Your task is to transcribe the entries below exactly, beginning with the line containing "29.43,22.1 r90 top" and ending with the final line, and to add nothing else.
*** Data supplied ***
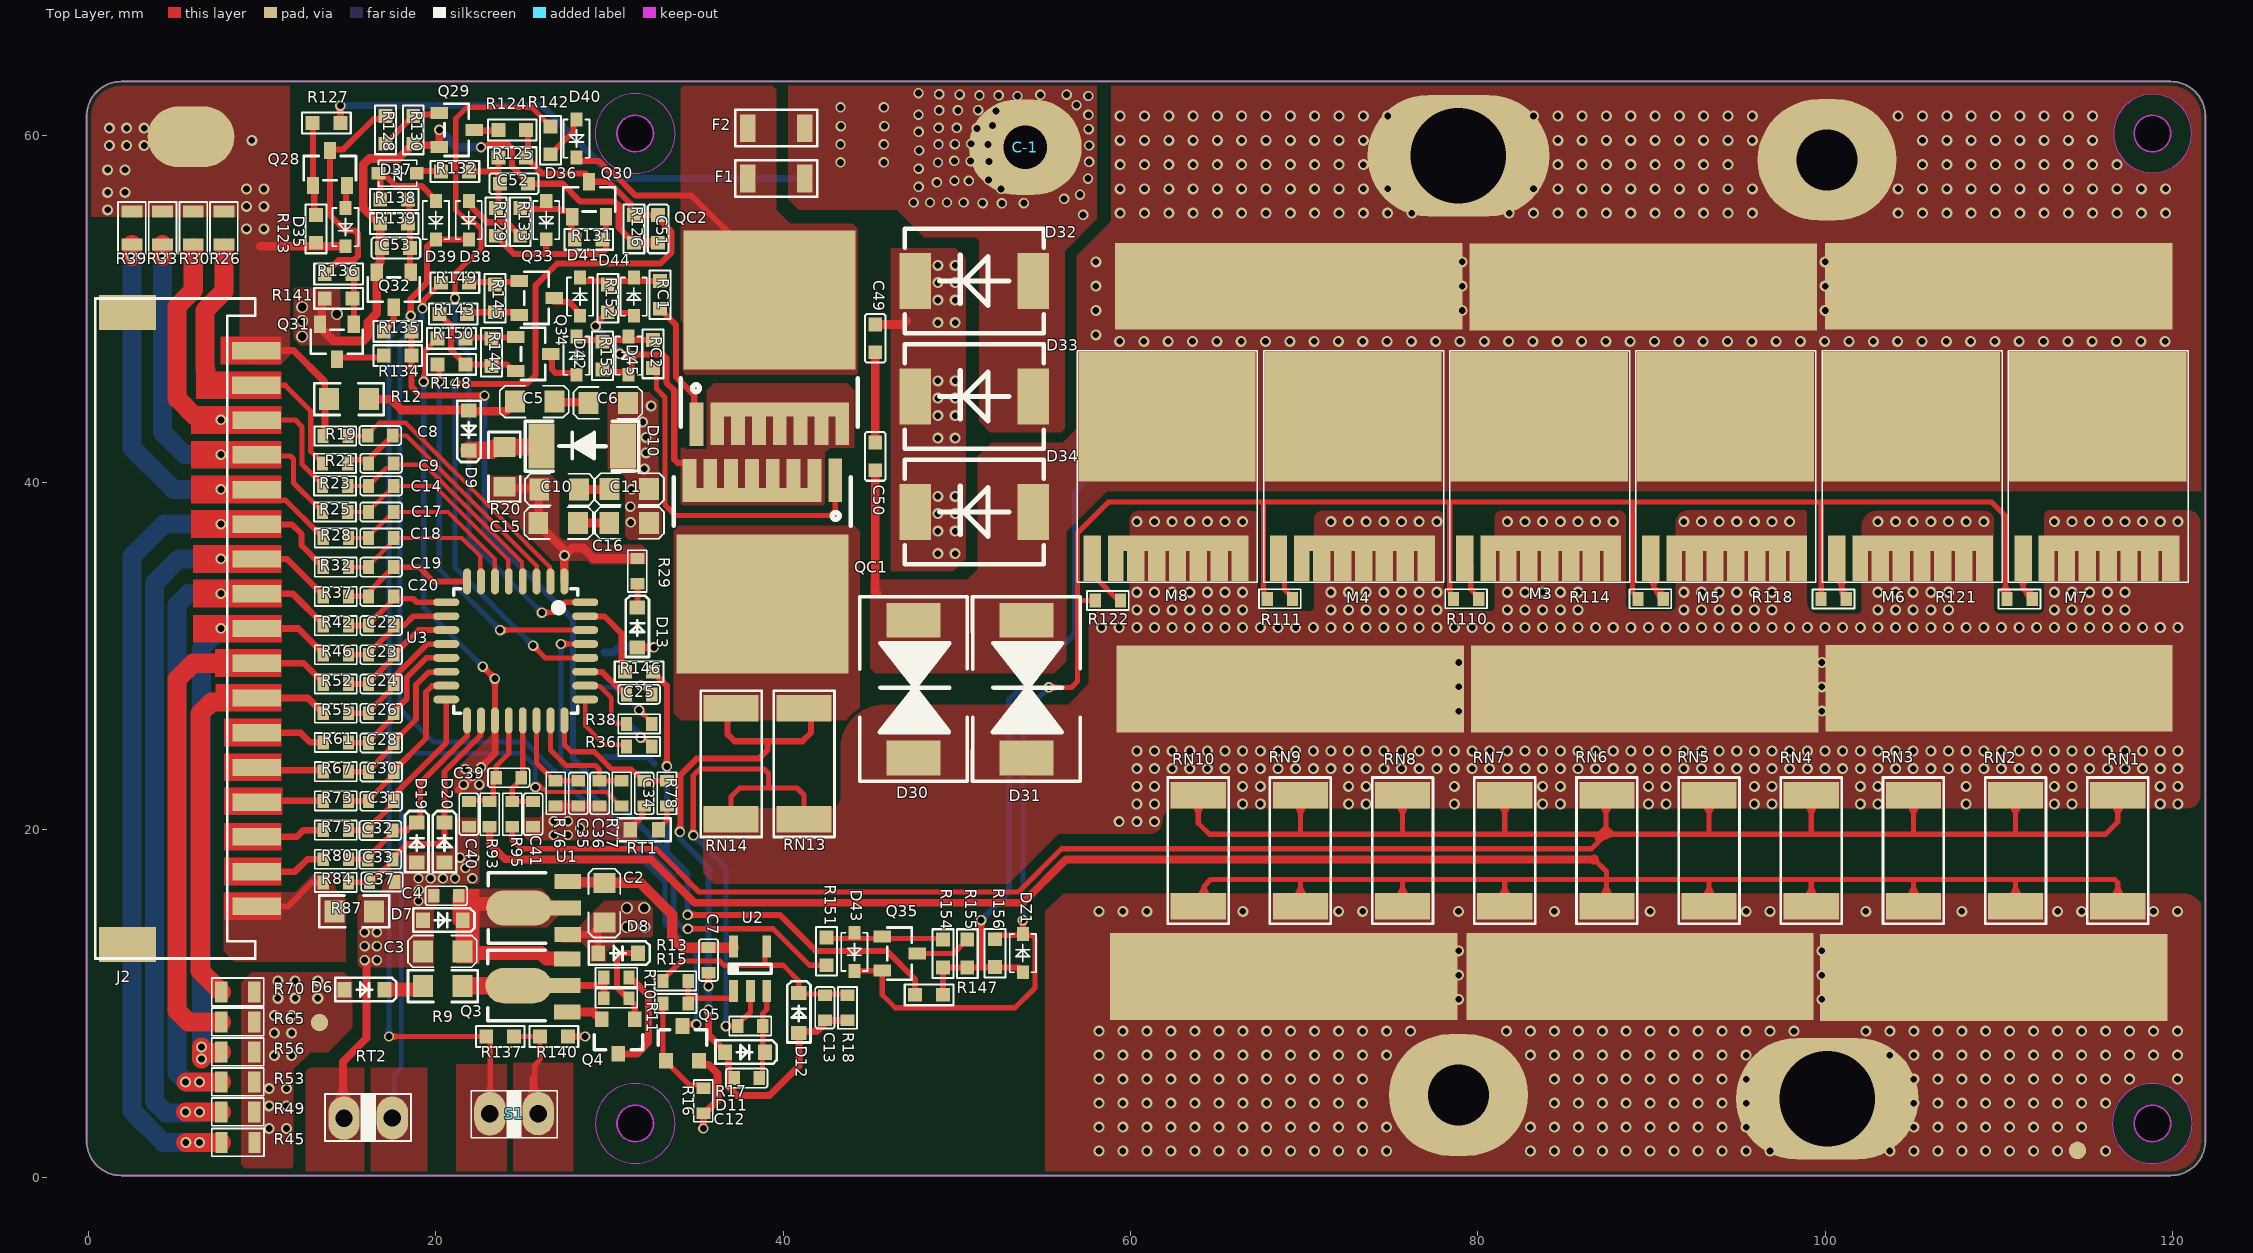
[diagram p0: Top Layer view]
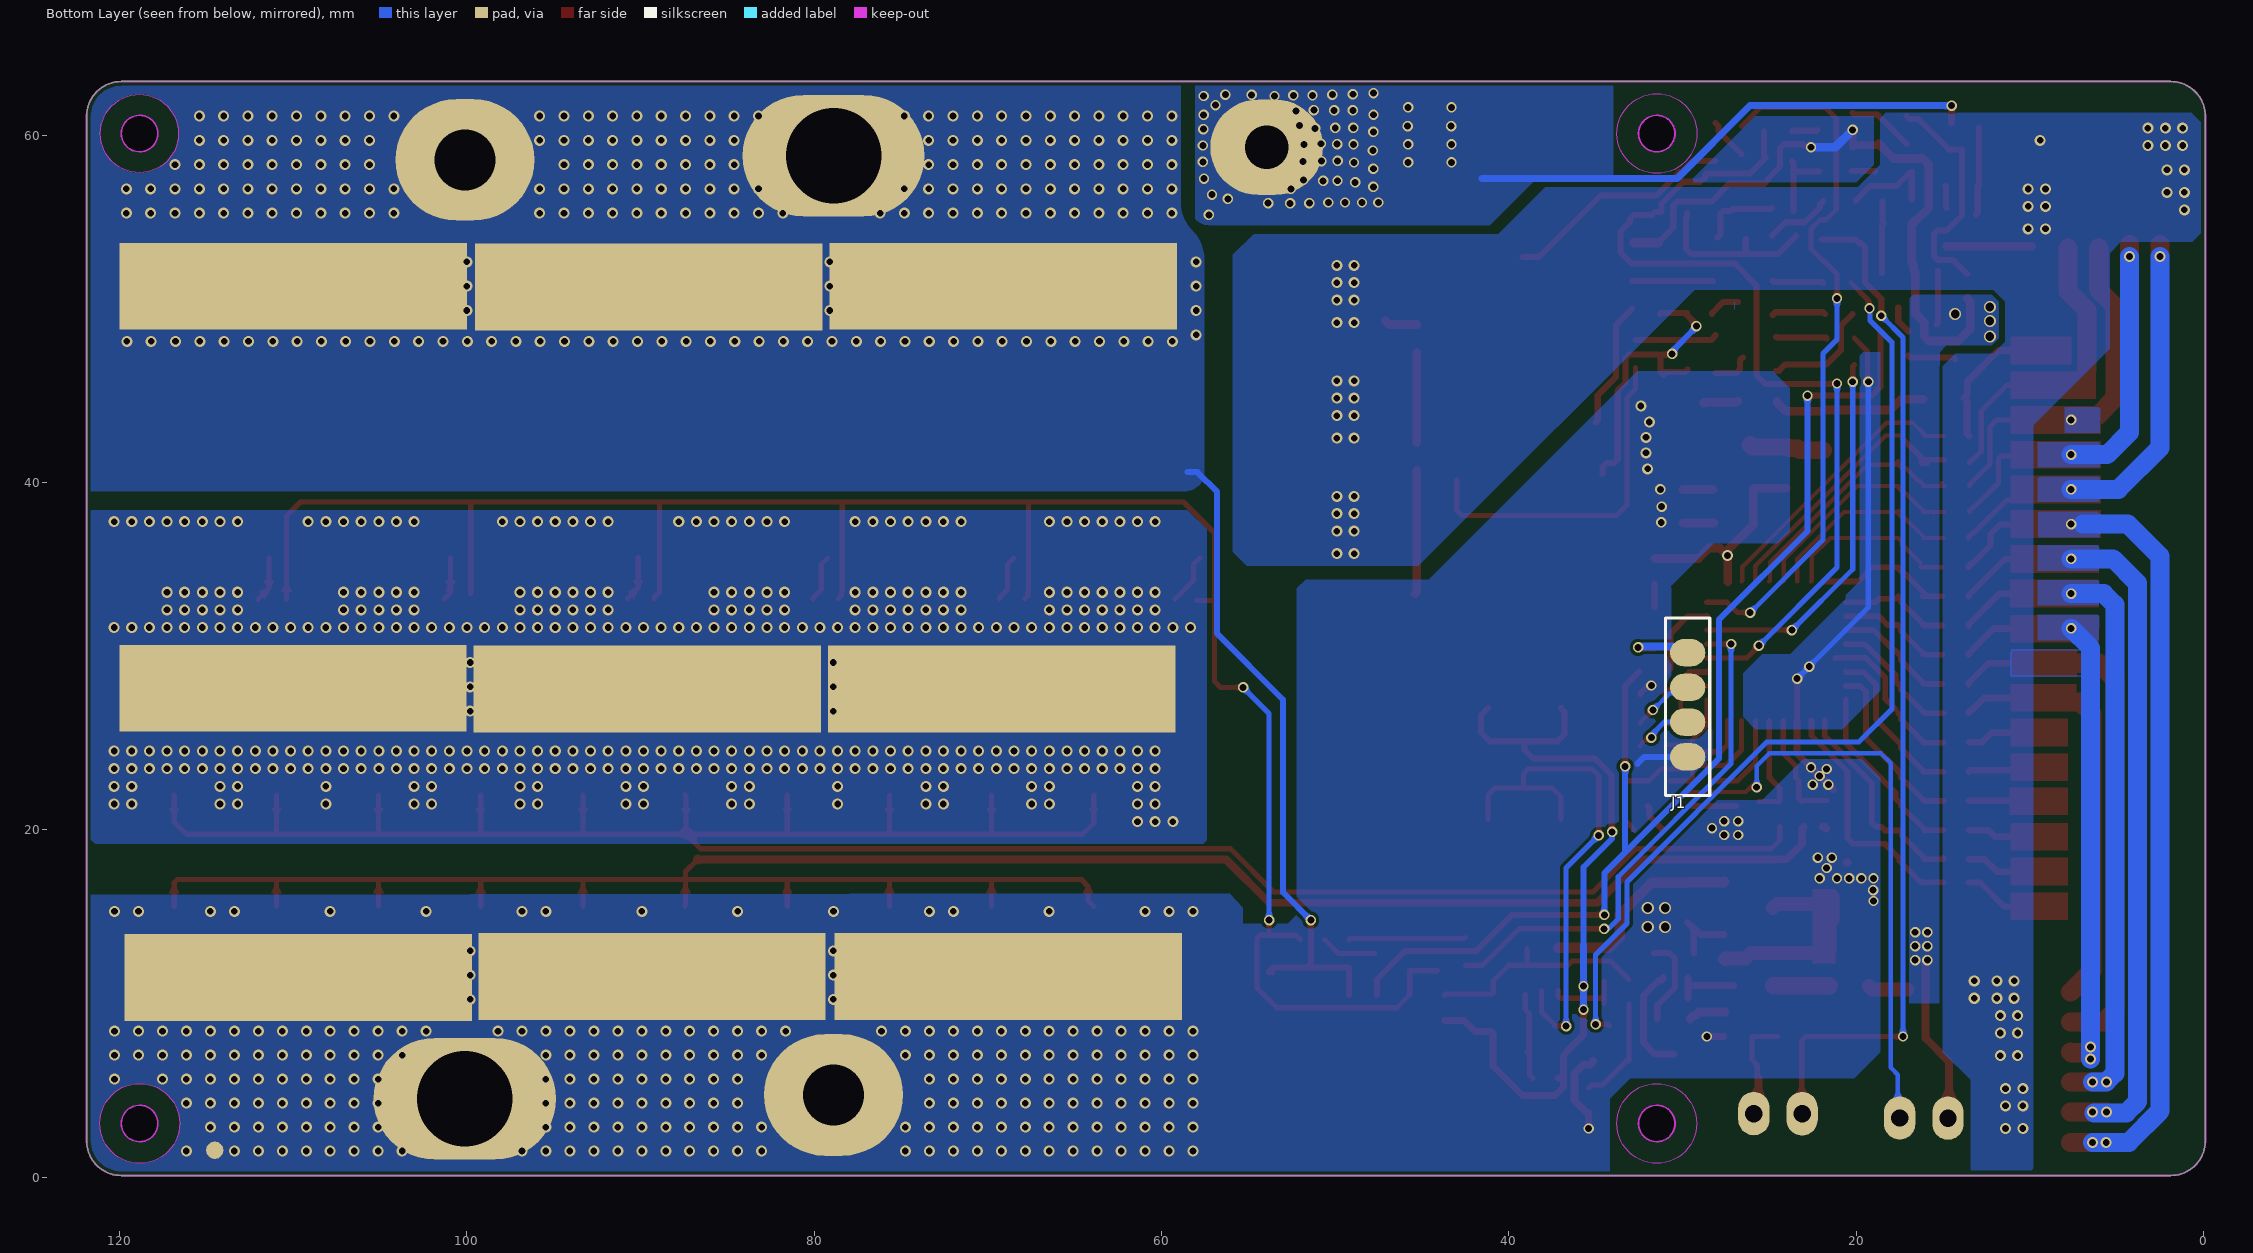
[diagram p1: Bottom Layer view, seen from below]
# Altium PCB MISC86327.PcbDoc (part 1 of 2)
Units mm, origin at the board's own origin, x right, y up, seen from the top; angles counter-clockwise.
Board outline 122 x 63 mm, 2 copper layers (Top Layer, Bottom Layer); 198 components, 117 nets, 551 pads, 998 vias.
Unrouted connection lines stored in the file: 65.

## Layer stack, top to bottom (the 12.6 mil dielectric is the usual default, probably not edited)
Top Solder: solder mask 0.0102, Solder Resist, Dk 3.5
Top Layer: signal copper 0.0356
Dielectric 1: dielectric 0.32, FR-4, Dk 4.8
Bottom Layer: signal copper 0.0356
Bottom Solder: solder mask 0.0102, Solder Resist, Dk 3.5

## Board outline
-0.11,2.09 -0.11,61.09 cw(c1.89,61.09) 1.89,63.09 119.89,63.09 cw(c119.89,61.09) 121.89,61.09 121.89,2.09 cw(c119.89,2.09) 119.89,0.09 1.89,0.09 cw(c1.89,2.09)
cut-out: 31.48,59.04 cw(c31.48,60.09) 30.43,60.09 cw(c31.48,60.09) 31.48,61.14 cw(c31.48,60.09) 32.53,60.09 cw(c31.48,60.09)
cut-out: 30.43,3.09 ccw(c31.48,3.09) 31.48,2.04 ccw(c31.48,3.09) 32.53,3.09 ccw(c31.48,3.09) 31.48,4.14 ccw(c31.48,3.09)
cut-out: 117.79,3.09 ccw(c118.84,3.09) 118.84,2.04 ccw(c118.84,3.09) 119.89,3.09 ccw(c118.84,3.09) 118.84,4.14 ccw(c118.84,3.09)
cut-out: 117.79,60.09 ccw(c118.84,60.09) 118.84,59.04 ccw(c118.84,60.09) 119.89,60.09 ccw(c118.84,60.09) 118.84,61.14 ccw(c118.84,60.09)

## Design rules (kind name [scope] priority, off if disabled: settings)
Clearance [All] p1: gap=0.2 ignorepadtopadclearanceinfootprint=FALSE except(0: Arc-Hole Track-Hole SMDPad-Hole THPad-Hole Via-Hole Fill-Hole Poly-Hole Region-Hole Text-Hole)
ComponentClearance [All] p1 off: gap=0.254 collisioncheckmode=3 verticalgap=0.254 showdistances=FALSE
Height [All] p1 off: minheight=0 maxheight=25.4 prefheight=12.7
HoleSize [All] p1: absolutevalues=TRUE maxlimit=10 minlimit=0.025 maxpercent=80.000 minpercent=20.000
HoleToHoleClearance [All] p1 off: gap=0 allowstackedmicrovias=TRUE
MinimumSolderMaskSliver [All] p1 off: minsoldermaskwidth=0
PolygonConnect [All] p1: connectstyle=Direct reliefconductorwidth=0.254 reliefentries=4 polygonreliefangle="90 Angle" airgapwidth=0.254
RoutingVias [All] p1: holewidth=0.5 width=0.8 viastyle="Through Hole" minholewidth=0.4 minwidth=0.6 maxholewidth=0.711 maxwidth=1.27
SilkToSilkClearance [All] p1 off: silktosilkclearance=0
SilkToSolderMaskClearance [IsPad] p1 off: minsilkscreentomaskgap=0 clearancetoexposedcopper=TRUE
SolderMaskExpansion [All] p1: expansion=0.102 istentingtop=FALSE
SupplyNets "Schematic Supply Nets_2" [InNet('DSGD1')] p1: voltage=0.000
SupplyNets "Schematic Supply Nets_5" [InNet('C-')] p2: voltage=0.000
SupplyNets "Schematic Supply Nets" [InNet('BC16')] p3: voltage=0.000
SupplyNets "Schematic Supply Nets_6" [InNet('GND1')] p4: voltage=0.000
SupplyNets "Schematic Supply Nets_4" [InNet('5V')] p5: voltage=0.000
SupplyNets "Schematic Supply Nets_3" [InNet('GND')] p6: voltage=0.000
Width [All] p1: maxlimit=20 minlimit=0.2 preferedwidth=0.3
23 further rules are at their usual default settings.

## Components (designator, comment, footprint, x,y, rotation, side; value= is the part's Value field where it differs from the comment)
C2 "10uF/25V" C0805 29.7,15.8 r270 top
C3 "2.2uF/50V" C0805 20.4,13 r180 top
C4 "0.1uF" C0603M 20.6,16.2 r180 top
C5 "2.2uF/100V" C0805 25.69,44.66 r180 top
C6 "2.2uF/100V" C0805 29.93,44.58 r180 top
C7 "10nF" C0603M 35.7,12.5 r270 top
C8 "0.1uF" C0603M 16.8,42.7 r0 top
C9 "0.1uF" C0603M 16.845,41.1 r0 top
C10 "0.1uF/100V" C0805 27.095,39.582 r0 top
C11 "0.1uF/100V" C0805 31.135,39.612 r0 top
C12 "0.47uF" C0603M 37.9,5.7 r180 top
C13 "0.47uF" C0603M 42.4,9.753 r270 top
C14 "0.1uF" C0603M 16.847,39.8 r0 top
C15 "2.2uF/100V" C0805 27.039,37.662 r0 top
C16 "2.2uF/100V" C0805 31.125,37.672 r0 top
C17 "0.1uF" C0603M 16.847,38.3 r0 top
C18 "0.1uF" C0603M 16.847,36.806 r0 top
C19 "0.1uF" C0603M 16.847,35.123 r0 top
C20 "0.1uF" C0603M 16.847,33.441 r0 top
C22 "0.1uF" C0603M 16.847,31.759 r0 top
C23 "0.1uF" C0603M 16.847,30.077 r0 top
C24 "0.1uF" C0603M 16.847,28.395 r0 top
C25 "1uF/25V" C0603M 31.7,27.8 r0 top
C26 "0.1uF" C0603M 16.847,26.713 r0 top
C28 "0.1uF" C0603M 16.847,25 r0 top
C30 "0.1uF" C0603M 16.847,23.33 r0 top
C31 "0.1uF" C0603M 16.847,21.648 r0 top
C32 "0.1uF" C0603M 16.8,19.966 r0 top
C33 "0.1uF" C0603M 16.8,18.3 r0 top
C34 "102" C0603M 32,22.1 r90 top
C35 "102" C0603M 28.2,22.1 r90 top
C36 "102" C0603M 29.43,22.1 r90 top
C37 "1uF" C0603M 16.9,17 r0 top
C39 "102" C0603M 24.2,23 r180 top
C40 "1uF" C0603M 21.9,20.9 r270 top
C41 "1uF" C0603M 25.6,20.9 r270 top
C49 "0.1uF" C0603A 45.3,48.3 r90 top
C50 "0.1uF" C0603A 45.3,41.5 r90 top
C51 "0.1uF" C0603A 32.8,54.6 r90 top
C52 "0.1uF" C0603A 24.5,57.2 r180 top
C53 "0.1uF" C0603A 17.7,53.5 r0 top
C-1 "Pth" 4*3 53.94,59.3 r0 top locked
D6 "1N4148WS" SOD-323-E 15.9,10.8 r0 top
D7 "15V" SOD-323-E 20.4,14.8 r0 top
D8 "15V" SOD-323-E 30.5,12.9 r0 top
D9 "BAV21WS" SOD-323-E 21.9,43 r270 top
D10 "SMAJ64A" SMA 28.43,42.09 r180 top
D11 "1N4148WS" SOD-323-E 37.8,7.2 r0 top
D12 "1N4148WS" SOD-323-E 40.9,9.453 r90 top
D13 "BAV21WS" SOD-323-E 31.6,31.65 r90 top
***
● Result for this task:
C36 "102" C0603M 29.43,22.1 r90 top
C37 "1uF" C0603M 16.9,17 r0 top
C39 "102" C0603M 24.2,23 r180 top
C40 "1uF" C0603M 21.9,20.9 r270 top
C41 "1uF" C0603M 25.6,20.9 r270 top
C49 "0.1uF" C0603A 45.3,48.3 r90 top
C50 "0.1uF" C0603A 45.3,41.5 r90 top
C51 "0.1uF" C0603A 32.8,54.6 r90 top
C52 "0.1uF" C0603A 24.5,57.2 r180 top
C53 "0.1uF" C0603A 17.7,53.5 r0 top
C-1 "Pth" 4*3 53.94,59.3 r0 top locked
D6 "1N4148WS" SOD-323-E 15.9,10.8 r0 top
D7 "15V" SOD-323-E 20.4,14.8 r0 top
D8 "15V" SOD-323-E 30.5,12.9 r0 top
D9 "BAV21WS" SOD-323-E 21.9,43 r270 top
D10 "SMAJ64A" SMA 28.43,42.09 r180 top
D11 "1N4148WS" SOD-323-E 37.8,7.2 r0 top
D12 "1N4148WS" SOD-323-E 40.9,9.453 r90 top
D13 "BAV21WS" SOD-323-E 31.6,31.65 r90 top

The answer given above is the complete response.